**Work to be completed**:
Determine the number of lines in the following entries that hold the word "IfcWall". Give only that number.

**Dataset extract**:
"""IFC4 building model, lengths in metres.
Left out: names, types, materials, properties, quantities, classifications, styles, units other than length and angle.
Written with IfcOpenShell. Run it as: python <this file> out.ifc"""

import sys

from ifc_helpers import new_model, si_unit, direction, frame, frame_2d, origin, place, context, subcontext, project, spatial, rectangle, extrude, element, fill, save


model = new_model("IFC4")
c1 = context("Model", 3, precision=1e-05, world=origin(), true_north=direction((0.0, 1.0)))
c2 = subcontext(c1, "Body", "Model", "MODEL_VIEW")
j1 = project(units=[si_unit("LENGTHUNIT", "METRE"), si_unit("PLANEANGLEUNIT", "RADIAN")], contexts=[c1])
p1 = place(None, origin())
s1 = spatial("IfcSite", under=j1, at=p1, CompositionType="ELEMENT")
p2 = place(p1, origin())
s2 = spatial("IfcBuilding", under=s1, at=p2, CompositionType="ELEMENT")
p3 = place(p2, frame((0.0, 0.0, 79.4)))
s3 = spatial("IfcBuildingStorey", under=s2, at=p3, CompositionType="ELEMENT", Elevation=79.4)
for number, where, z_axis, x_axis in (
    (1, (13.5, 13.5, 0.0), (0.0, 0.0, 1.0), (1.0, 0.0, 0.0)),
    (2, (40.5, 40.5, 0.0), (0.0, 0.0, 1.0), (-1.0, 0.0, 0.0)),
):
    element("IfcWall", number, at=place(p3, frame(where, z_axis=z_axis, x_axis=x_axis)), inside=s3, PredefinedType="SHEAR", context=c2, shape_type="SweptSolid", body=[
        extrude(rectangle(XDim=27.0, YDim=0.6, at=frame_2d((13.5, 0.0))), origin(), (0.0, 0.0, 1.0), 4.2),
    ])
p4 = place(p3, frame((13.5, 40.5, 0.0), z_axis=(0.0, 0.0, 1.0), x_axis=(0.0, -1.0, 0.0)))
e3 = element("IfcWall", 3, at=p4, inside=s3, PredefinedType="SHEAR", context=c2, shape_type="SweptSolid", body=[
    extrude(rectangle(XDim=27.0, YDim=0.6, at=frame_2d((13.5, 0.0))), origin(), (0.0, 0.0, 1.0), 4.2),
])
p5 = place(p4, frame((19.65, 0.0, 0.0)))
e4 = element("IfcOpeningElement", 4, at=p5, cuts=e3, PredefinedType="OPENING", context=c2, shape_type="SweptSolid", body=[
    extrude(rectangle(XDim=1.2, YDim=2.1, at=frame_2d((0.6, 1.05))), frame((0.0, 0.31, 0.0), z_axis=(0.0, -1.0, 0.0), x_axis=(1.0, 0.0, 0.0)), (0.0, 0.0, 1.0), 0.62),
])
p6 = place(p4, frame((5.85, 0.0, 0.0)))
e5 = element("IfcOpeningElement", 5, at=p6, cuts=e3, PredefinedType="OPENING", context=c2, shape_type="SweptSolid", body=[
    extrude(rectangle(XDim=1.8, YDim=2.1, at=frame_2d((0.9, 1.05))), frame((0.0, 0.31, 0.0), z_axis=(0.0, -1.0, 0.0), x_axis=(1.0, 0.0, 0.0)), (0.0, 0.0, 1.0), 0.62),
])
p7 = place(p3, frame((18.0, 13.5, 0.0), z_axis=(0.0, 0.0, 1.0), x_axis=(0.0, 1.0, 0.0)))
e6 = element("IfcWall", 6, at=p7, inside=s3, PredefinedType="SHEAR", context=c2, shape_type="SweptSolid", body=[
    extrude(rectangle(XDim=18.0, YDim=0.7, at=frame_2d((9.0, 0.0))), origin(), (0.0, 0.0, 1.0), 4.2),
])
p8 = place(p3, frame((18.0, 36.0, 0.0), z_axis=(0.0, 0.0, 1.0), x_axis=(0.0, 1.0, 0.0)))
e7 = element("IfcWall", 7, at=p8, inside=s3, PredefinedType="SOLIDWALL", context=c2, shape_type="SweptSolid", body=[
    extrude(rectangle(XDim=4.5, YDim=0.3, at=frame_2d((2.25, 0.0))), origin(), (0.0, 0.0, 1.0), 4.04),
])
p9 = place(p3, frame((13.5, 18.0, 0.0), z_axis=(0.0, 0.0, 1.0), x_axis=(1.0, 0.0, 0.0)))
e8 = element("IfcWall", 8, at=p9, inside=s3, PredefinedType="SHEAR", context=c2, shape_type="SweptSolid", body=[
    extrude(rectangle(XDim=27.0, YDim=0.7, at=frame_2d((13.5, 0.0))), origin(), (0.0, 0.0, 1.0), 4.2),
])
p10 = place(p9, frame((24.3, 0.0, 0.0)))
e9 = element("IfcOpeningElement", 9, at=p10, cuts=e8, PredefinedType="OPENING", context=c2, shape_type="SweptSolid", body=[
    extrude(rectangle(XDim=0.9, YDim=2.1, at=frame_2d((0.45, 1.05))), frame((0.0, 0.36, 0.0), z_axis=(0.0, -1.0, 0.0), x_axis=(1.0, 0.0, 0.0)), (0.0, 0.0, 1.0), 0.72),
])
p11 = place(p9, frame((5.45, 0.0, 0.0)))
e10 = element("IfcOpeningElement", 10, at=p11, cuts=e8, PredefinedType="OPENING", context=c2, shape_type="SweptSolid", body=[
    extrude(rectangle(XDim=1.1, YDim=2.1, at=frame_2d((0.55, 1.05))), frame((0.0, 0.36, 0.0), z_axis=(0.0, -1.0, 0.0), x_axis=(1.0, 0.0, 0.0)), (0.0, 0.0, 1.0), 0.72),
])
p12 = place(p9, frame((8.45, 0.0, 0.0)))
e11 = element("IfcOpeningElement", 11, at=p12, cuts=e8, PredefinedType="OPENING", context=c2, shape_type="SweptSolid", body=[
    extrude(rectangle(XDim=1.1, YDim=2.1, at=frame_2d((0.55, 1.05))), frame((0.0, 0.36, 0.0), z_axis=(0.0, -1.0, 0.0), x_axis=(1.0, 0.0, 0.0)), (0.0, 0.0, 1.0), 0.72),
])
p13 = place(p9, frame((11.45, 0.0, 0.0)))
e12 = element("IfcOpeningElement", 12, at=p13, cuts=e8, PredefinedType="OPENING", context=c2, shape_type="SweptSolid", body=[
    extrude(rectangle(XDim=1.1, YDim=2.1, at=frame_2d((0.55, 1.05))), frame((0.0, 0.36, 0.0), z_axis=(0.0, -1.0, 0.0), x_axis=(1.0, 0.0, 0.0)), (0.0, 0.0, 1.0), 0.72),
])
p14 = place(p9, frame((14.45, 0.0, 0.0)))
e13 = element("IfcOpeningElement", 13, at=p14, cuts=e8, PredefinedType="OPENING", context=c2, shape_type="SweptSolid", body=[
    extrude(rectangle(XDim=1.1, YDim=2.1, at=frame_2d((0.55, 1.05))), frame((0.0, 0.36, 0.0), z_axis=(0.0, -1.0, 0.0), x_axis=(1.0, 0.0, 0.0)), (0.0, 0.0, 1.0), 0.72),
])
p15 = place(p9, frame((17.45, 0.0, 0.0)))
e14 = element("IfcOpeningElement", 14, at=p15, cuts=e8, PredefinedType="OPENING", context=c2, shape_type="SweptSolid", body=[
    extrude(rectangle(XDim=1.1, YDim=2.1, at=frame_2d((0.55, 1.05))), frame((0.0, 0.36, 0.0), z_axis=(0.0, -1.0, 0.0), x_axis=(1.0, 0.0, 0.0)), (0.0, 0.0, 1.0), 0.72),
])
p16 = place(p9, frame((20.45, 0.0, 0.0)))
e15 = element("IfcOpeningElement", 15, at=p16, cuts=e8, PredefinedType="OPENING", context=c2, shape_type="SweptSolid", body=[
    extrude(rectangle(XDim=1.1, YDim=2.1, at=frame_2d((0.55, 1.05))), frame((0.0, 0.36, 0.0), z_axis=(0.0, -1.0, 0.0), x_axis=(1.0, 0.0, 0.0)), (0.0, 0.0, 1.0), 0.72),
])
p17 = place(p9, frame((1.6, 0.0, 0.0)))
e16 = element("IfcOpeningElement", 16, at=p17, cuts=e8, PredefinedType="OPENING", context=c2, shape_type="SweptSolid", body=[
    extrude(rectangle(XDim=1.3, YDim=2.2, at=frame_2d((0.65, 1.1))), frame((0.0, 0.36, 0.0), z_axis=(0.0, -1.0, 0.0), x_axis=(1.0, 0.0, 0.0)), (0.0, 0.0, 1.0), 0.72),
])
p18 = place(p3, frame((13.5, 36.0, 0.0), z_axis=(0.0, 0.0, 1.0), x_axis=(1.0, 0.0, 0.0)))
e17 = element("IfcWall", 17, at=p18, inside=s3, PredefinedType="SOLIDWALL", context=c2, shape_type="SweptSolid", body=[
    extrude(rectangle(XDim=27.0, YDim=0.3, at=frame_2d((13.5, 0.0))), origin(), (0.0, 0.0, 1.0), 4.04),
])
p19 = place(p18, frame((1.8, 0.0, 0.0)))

**Written solution**:
6